▶ _Supplied records_
-------------------------

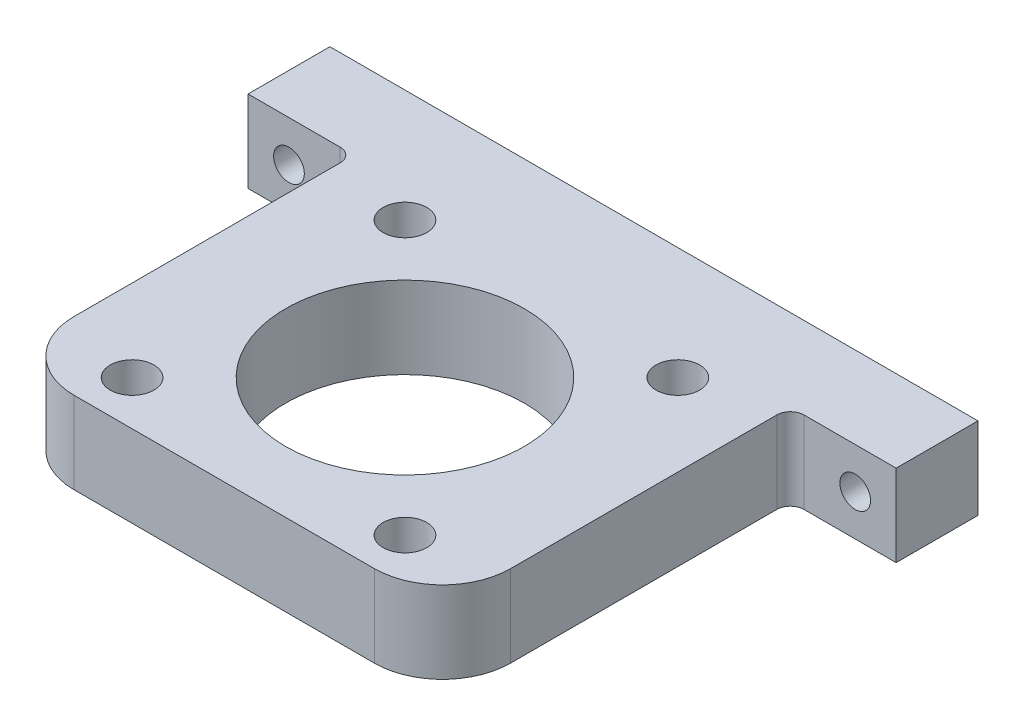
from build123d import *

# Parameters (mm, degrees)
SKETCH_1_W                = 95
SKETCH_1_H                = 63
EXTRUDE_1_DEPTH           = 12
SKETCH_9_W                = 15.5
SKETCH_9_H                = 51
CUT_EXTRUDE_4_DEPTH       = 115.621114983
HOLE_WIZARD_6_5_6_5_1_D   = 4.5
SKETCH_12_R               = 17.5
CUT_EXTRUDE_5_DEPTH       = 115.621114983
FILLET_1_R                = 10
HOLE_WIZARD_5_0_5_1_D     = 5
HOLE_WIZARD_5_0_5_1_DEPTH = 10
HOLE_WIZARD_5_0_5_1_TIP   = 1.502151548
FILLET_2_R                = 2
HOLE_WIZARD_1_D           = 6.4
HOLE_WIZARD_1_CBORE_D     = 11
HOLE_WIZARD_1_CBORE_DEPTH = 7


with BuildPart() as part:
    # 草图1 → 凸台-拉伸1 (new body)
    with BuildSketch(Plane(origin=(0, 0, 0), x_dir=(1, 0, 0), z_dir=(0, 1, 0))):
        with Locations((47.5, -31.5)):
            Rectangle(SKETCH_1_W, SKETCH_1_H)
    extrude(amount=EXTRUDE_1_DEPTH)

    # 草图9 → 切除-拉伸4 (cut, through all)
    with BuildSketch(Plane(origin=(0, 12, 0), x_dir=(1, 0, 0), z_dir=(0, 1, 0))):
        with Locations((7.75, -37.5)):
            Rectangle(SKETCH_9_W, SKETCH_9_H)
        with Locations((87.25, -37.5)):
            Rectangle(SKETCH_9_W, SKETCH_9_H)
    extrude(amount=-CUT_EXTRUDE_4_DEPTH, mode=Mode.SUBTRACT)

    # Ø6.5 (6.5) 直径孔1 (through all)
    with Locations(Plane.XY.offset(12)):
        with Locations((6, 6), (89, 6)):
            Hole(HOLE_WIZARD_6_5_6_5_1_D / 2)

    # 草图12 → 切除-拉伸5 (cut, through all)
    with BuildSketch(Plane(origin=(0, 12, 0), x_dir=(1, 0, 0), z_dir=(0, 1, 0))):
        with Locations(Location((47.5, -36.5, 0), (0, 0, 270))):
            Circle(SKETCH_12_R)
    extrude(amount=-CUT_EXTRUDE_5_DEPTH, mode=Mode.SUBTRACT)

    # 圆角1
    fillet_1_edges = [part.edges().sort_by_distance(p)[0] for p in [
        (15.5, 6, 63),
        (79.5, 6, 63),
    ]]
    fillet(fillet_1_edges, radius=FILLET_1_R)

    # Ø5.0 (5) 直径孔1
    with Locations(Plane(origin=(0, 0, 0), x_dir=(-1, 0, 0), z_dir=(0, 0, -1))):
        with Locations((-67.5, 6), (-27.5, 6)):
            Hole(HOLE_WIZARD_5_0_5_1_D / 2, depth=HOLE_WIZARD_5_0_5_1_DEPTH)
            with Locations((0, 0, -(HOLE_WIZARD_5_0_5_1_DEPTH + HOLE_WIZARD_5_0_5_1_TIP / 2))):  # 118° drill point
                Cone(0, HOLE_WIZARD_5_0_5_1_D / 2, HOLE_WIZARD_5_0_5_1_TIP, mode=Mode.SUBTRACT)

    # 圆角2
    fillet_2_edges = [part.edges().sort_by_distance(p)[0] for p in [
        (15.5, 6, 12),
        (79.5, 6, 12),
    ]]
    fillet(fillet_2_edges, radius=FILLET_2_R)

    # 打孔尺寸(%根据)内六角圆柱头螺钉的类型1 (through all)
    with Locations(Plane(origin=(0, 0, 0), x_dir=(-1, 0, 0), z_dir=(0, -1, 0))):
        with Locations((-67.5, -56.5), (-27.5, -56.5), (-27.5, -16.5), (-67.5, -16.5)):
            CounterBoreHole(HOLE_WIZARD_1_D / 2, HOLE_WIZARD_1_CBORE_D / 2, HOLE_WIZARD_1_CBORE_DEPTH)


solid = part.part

-------------------------

▶ _Action item_
Each record should be written out exactly, and each image should be omitted.

▶ _Exercise solution_
from build123d import *

# Parameters (mm, degrees)
SKETCH_1_W                = 95
SKETCH_1_H                = 63
EXTRUDE_1_DEPTH           = 12
SKETCH_9_W                = 15.5
SKETCH_9_H                = 51
CUT_EXTRUDE_4_DEPTH       = 115.621114983
HOLE_WIZARD_6_5_6_5_1_D   = 4.5
SKETCH_12_R               = 17.5
CUT_EXTRUDE_5_DEPTH       = 115.621114983
FILLET_1_R                = 10
HOLE_WIZARD_5_0_5_1_D     = 5
HOLE_WIZARD_5_0_5_1_DEPTH = 10
HOLE_WIZARD_5_0_5_1_TIP   = 1.502151548
FILLET_2_R                = 2
HOLE_WIZARD_1_D           = 6.4
HOLE_WIZARD_1_CBORE_D     = 11
HOLE_WIZARD_1_CBORE_DEPTH = 7


with BuildPart() as part:
    # 草图1 → 凸台-拉伸1 (new body)
    with BuildSketch(Plane(origin=(0, 0, 0), x_dir=(1, 0, 0), z_dir=(0, 1, 0))):
        with Locations((47.5, -31.5)):
            Rectangle(SKETCH_1_W, SKETCH_1_H)
    extrude(amount=EXTRUDE_1_DEPTH)

    # 草图9 → 切除-拉伸4 (cut, through all)
    with BuildSketch(Plane(origin=(0, 12, 0), x_dir=(1, 0, 0), z_dir=(0, 1, 0))):
        with Locations((7.75, -37.5)):
            Rectangle(SKETCH_9_W, SKETCH_9_H)
        with Locations((87.25, -37.5)):
            Rectangle(SKETCH_9_W, SKETCH_9_H)
    extrude(amount=-CUT_EXTRUDE_4_DEPTH, mode=Mode.SUBTRACT)

    # Ø6.5 (6.5) 直径孔1 (through all)
    with Locations(Plane.XY.offset(12)):
        with Locations((6, 6), (89, 6)):
            Hole(HOLE_WIZARD_6_5_6_5_1_D / 2)

    # 草图12 → 切除-拉伸5 (cut, through all)
    with BuildSketch(Plane(origin=(0, 12, 0), x_dir=(1, 0, 0), z_dir=(0, 1, 0))):
        with Locations(Location((47.5, -36.5, 0), (0, 0, 270))):
            Circle(SKETCH_12_R)
    extrude(amount=-CUT_EXTRUDE_5_DEPTH, mode=Mode.SUBTRACT)

    # 圆角1
    fillet_1_edges = [part.edges().sort_by_distance(p)[0] for p in [
        (15.5, 6, 63),
        (79.5, 6, 63),
    ]]
    fillet(fillet_1_edges, radius=FILLET_1_R)

    # Ø5.0 (5) 直径孔1
    with Locations(Plane(origin=(0, 0, 0), x_dir=(-1, 0, 0), z_dir=(0, 0, -1))):
        with Locations((-67.5, 6), (-27.5, 6)):
            Hole(HOLE_WIZARD_5_0_5_1_D / 2, depth=HOLE_WIZARD_5_0_5_1_DEPTH)
            with Locations((0, 0, -(HOLE_WIZARD_5_0_5_1_DEPTH + HOLE_WIZARD_5_0_5_1_TIP / 2))):  # 118° drill point
                Cone(0, HOLE_WIZARD_5_0_5_1_D / 2, HOLE_WIZARD_5_0_5_1_TIP, mode=Mode.SUBTRACT)

    # 圆角2
    fillet_2_edges = [part.edges().sort_by_distance(p)[0] for p in [
        (15.5, 6, 12),
        (79.5, 6, 12),
    ]]
    fillet(fillet_2_edges, radius=FILLET_2_R)

    # 打孔尺寸(%根据)内六角圆柱头螺钉的类型1 (through all)
    with Locations(Plane(origin=(0, 0, 0), x_dir=(-1, 0, 0), z_dir=(0, -1, 0))):
        with Locations((-67.5, -56.5), (-27.5, -56.5), (-27.5, -16.5), (-67.5, -16.5)):
            CounterBoreHole(HOLE_WIZARD_1_D / 2, HOLE_WIZARD_1_CBORE_D / 2, HOLE_WIZARD_1_CBORE_DEPTH)


solid = part.part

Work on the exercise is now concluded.